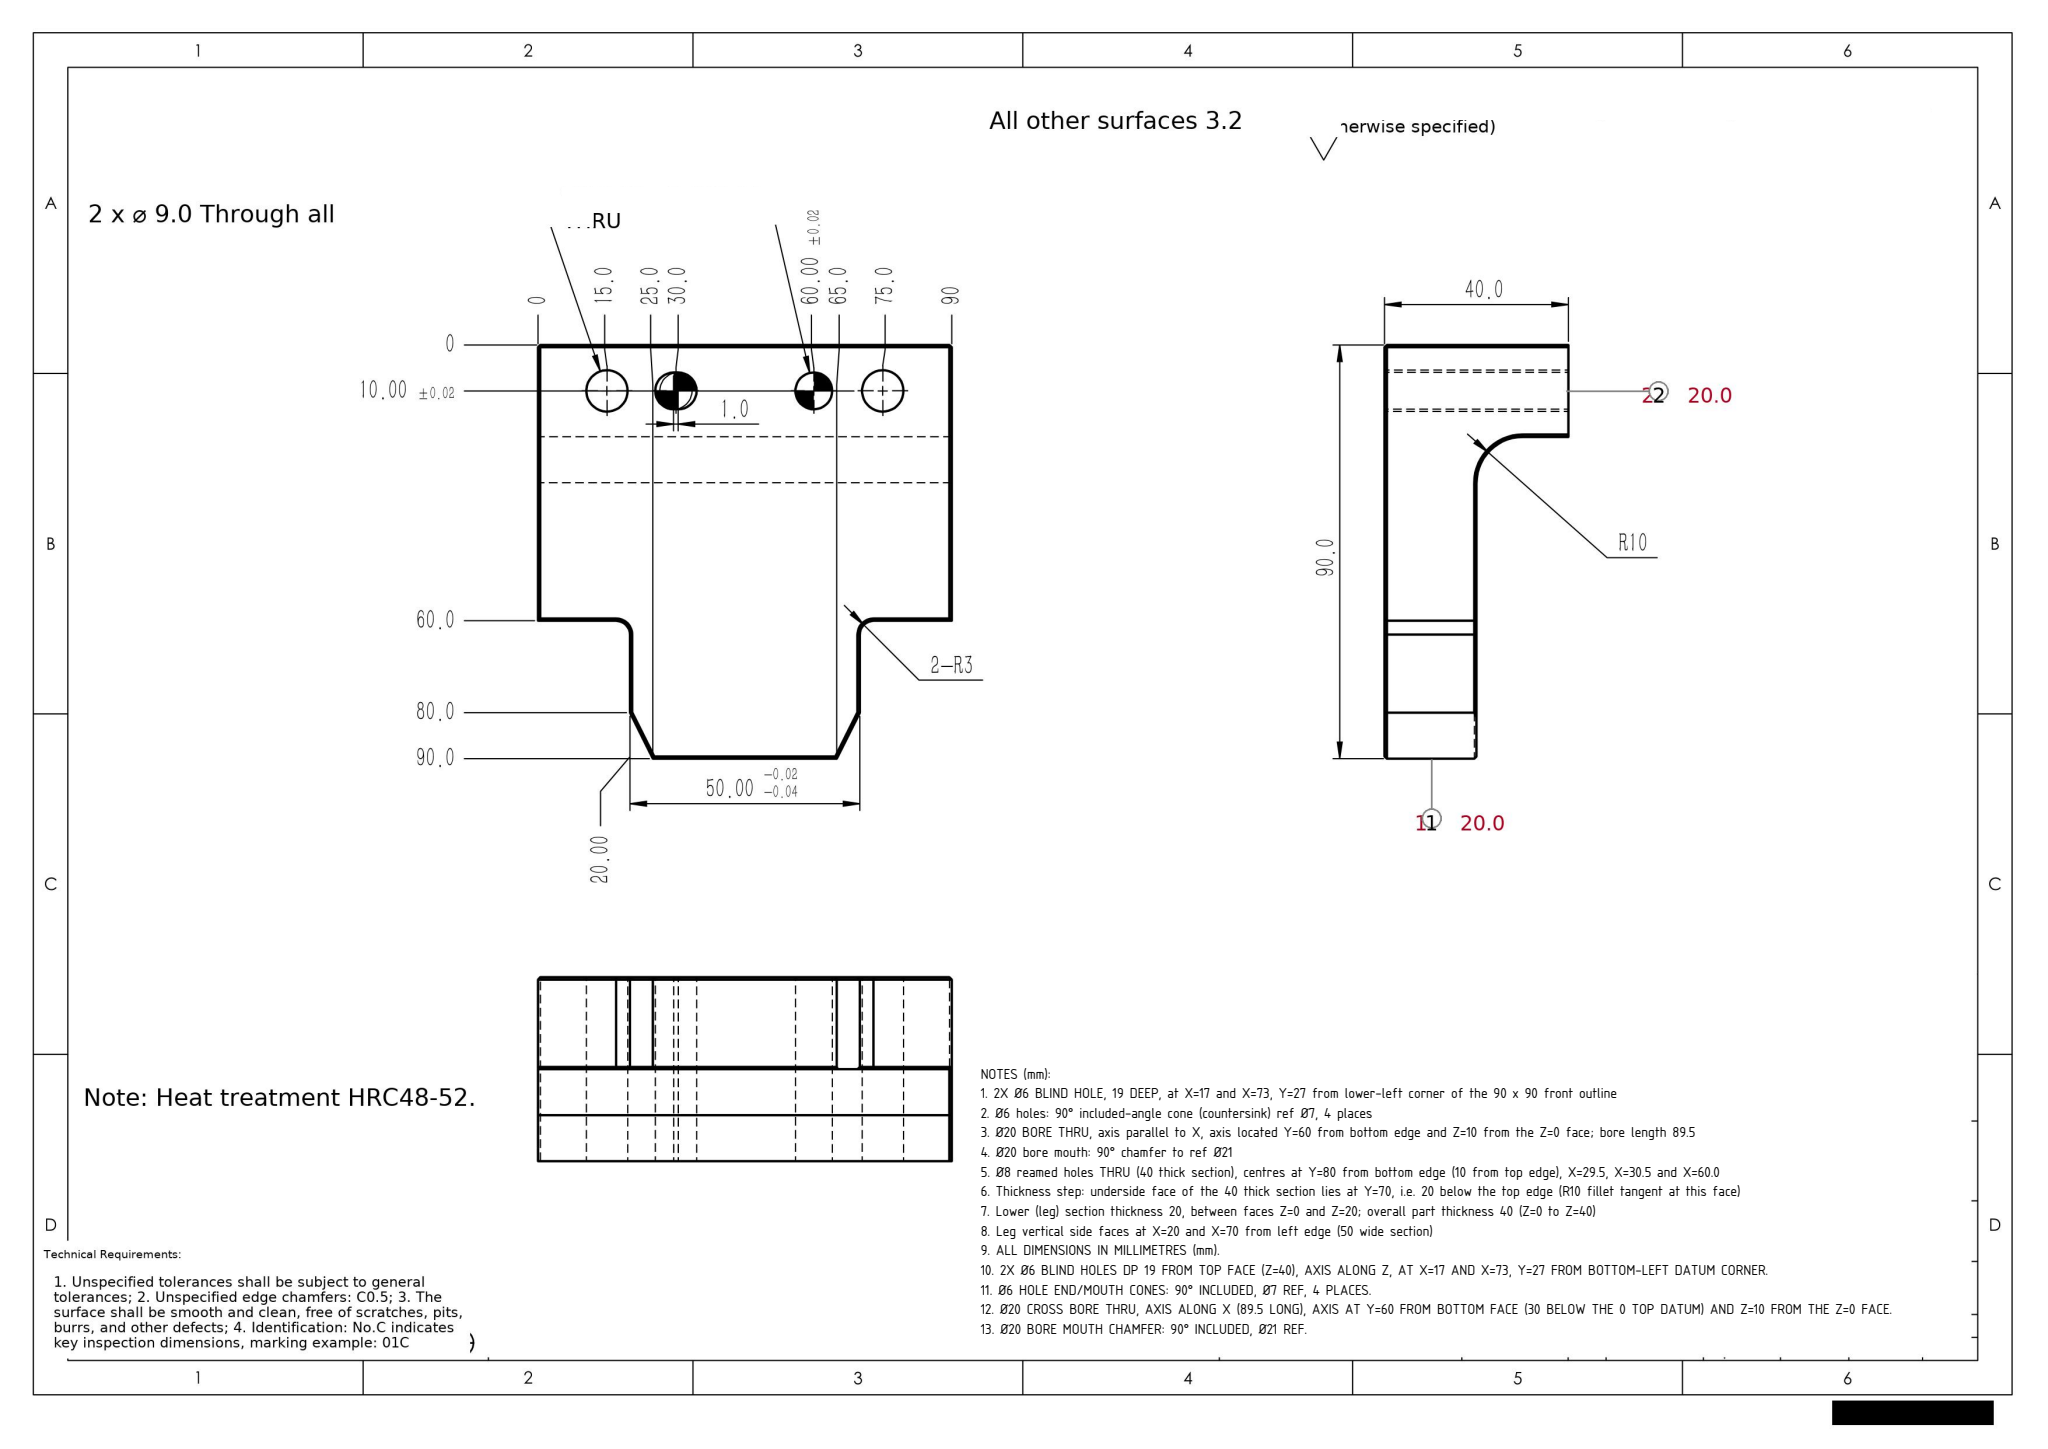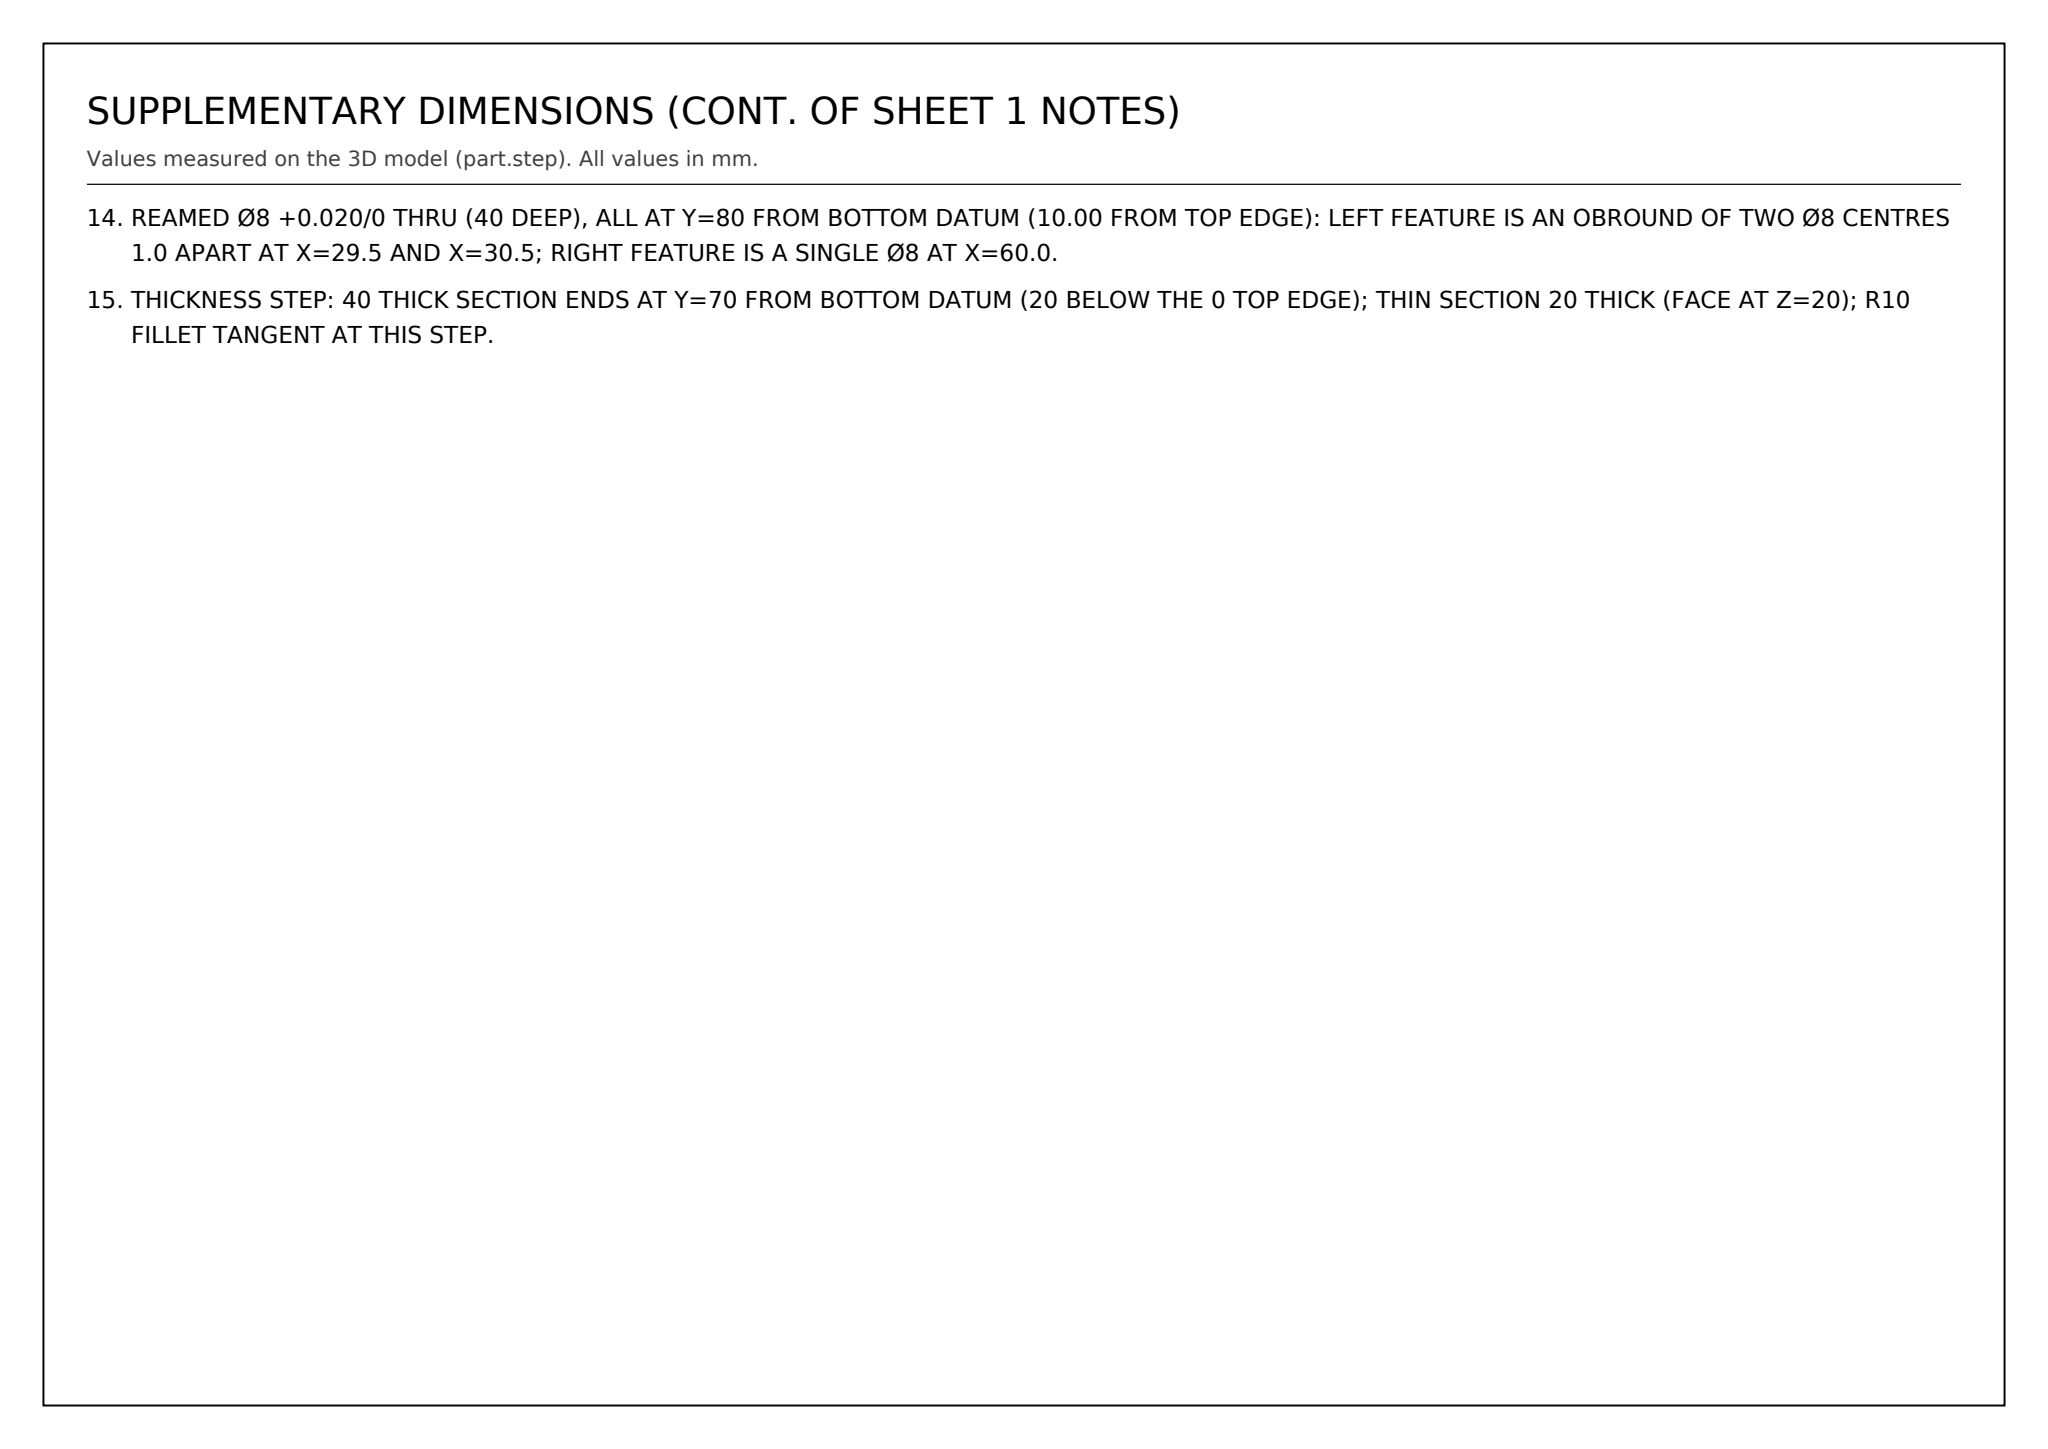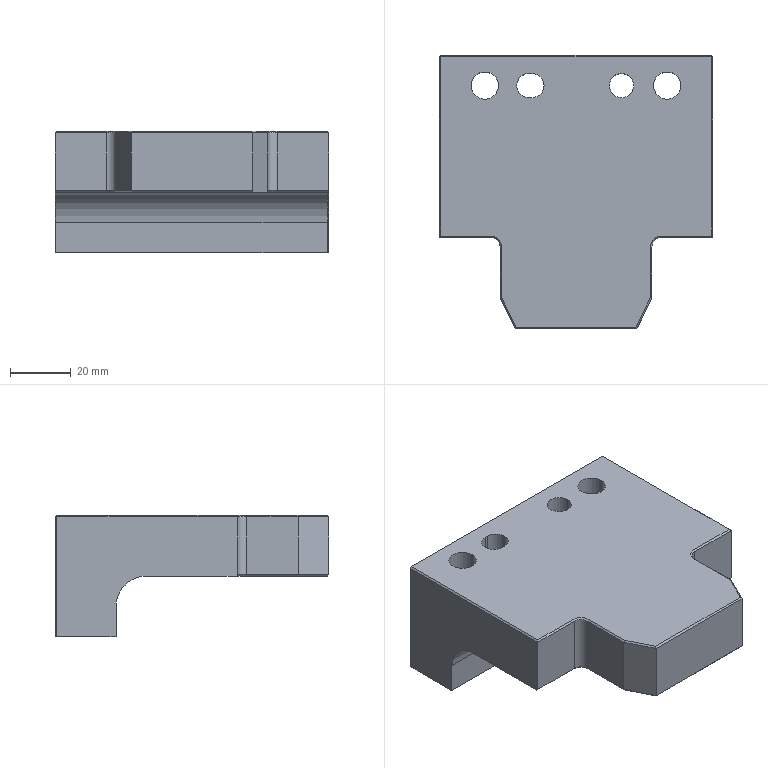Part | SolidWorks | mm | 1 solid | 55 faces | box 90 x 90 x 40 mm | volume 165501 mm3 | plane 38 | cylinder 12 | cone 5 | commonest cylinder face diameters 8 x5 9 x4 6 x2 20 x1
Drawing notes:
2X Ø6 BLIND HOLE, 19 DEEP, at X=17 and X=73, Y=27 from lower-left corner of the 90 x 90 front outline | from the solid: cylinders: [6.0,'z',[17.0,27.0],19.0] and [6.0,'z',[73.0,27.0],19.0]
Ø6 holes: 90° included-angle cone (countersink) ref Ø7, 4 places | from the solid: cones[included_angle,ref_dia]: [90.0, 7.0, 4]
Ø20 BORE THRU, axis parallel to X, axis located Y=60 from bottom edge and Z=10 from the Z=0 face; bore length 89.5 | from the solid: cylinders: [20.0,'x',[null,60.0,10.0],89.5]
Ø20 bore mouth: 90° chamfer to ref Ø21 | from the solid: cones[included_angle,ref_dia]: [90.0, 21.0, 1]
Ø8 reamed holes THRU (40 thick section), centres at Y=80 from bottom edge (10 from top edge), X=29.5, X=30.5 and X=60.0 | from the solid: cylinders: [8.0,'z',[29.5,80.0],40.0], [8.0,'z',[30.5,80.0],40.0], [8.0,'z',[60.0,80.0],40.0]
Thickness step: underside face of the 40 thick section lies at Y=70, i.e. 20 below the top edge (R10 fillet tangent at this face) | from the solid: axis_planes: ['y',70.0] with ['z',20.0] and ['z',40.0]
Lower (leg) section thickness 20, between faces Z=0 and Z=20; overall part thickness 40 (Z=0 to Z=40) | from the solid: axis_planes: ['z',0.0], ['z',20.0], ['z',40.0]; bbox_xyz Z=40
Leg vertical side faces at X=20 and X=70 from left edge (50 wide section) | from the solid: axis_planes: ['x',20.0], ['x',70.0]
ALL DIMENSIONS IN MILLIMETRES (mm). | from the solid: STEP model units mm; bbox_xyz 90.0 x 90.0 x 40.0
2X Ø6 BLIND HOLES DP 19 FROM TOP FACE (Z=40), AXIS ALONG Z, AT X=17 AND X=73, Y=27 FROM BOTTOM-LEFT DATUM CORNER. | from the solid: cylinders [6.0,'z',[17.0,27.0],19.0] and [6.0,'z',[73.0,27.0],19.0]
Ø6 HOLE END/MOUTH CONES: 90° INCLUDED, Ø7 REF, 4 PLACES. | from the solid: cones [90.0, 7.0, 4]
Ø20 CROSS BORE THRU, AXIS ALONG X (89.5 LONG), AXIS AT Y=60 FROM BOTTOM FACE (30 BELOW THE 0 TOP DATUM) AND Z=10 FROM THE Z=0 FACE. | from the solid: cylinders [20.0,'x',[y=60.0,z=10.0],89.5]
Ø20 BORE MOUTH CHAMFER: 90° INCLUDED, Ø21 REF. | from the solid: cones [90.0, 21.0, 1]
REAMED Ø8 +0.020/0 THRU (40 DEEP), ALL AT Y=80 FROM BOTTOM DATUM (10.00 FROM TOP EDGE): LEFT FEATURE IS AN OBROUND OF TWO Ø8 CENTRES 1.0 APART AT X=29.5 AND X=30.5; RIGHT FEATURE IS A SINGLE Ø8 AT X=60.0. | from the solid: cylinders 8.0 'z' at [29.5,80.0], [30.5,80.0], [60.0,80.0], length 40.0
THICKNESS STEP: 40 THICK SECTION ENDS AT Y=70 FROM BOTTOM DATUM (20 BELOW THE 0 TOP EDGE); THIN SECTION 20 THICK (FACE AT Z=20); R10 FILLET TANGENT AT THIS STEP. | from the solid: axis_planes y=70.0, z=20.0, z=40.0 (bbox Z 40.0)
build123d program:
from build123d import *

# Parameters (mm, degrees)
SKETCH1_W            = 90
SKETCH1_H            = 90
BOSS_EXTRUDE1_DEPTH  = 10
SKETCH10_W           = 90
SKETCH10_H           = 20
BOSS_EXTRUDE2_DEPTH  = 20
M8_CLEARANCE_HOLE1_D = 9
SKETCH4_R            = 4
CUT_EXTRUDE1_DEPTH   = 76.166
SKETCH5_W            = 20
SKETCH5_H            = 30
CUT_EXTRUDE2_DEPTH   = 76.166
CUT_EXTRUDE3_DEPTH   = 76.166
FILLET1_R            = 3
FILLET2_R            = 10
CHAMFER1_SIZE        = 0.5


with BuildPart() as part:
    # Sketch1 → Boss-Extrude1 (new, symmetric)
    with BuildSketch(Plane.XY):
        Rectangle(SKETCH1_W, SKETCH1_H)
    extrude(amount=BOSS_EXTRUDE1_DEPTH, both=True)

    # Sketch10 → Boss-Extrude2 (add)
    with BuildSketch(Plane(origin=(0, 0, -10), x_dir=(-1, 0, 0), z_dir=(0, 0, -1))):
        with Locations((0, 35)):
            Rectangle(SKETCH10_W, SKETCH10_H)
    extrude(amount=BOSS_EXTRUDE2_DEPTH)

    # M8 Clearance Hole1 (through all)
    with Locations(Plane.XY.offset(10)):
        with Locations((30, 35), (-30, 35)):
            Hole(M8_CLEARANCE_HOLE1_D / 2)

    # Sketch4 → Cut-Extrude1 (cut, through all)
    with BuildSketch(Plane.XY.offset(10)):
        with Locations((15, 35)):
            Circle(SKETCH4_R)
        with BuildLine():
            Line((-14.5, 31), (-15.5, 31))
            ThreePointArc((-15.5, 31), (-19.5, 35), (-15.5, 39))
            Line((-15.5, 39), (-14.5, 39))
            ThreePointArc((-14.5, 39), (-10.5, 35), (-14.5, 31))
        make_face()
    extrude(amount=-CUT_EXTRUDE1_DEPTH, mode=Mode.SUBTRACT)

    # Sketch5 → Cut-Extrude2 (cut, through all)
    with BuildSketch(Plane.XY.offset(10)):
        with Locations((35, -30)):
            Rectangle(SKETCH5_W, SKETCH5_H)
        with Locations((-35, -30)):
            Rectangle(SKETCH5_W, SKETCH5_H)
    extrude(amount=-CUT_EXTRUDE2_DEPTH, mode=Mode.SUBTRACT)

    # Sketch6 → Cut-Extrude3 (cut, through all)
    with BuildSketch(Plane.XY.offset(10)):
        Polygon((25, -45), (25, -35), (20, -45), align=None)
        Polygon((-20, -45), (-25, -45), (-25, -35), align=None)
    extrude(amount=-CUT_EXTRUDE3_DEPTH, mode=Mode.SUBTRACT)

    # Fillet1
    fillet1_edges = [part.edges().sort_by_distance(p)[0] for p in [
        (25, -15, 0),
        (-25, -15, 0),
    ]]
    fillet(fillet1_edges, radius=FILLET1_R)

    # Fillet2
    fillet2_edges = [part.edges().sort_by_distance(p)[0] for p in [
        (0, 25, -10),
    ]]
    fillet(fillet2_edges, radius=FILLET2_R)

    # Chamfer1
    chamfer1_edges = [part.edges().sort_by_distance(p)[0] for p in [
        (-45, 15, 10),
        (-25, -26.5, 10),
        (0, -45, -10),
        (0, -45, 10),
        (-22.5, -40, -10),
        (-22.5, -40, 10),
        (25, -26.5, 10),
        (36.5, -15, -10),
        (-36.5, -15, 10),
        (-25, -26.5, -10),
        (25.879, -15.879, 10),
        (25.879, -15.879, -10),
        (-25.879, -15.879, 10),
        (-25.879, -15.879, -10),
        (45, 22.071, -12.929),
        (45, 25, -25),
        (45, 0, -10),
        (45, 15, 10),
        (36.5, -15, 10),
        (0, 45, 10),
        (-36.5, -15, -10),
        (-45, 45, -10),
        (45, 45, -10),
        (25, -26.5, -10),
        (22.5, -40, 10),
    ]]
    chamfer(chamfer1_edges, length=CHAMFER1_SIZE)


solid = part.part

□ □ □

→ **Task description**
Check every line of the data above for the string "Polygon", and copy those that have it.

→ **Problem solution**
        Polygon((25, -45), (25, -35), (20, -45), align=None)
        Polygon((-20, -45), (-25, -45), (-25, -35), align=None)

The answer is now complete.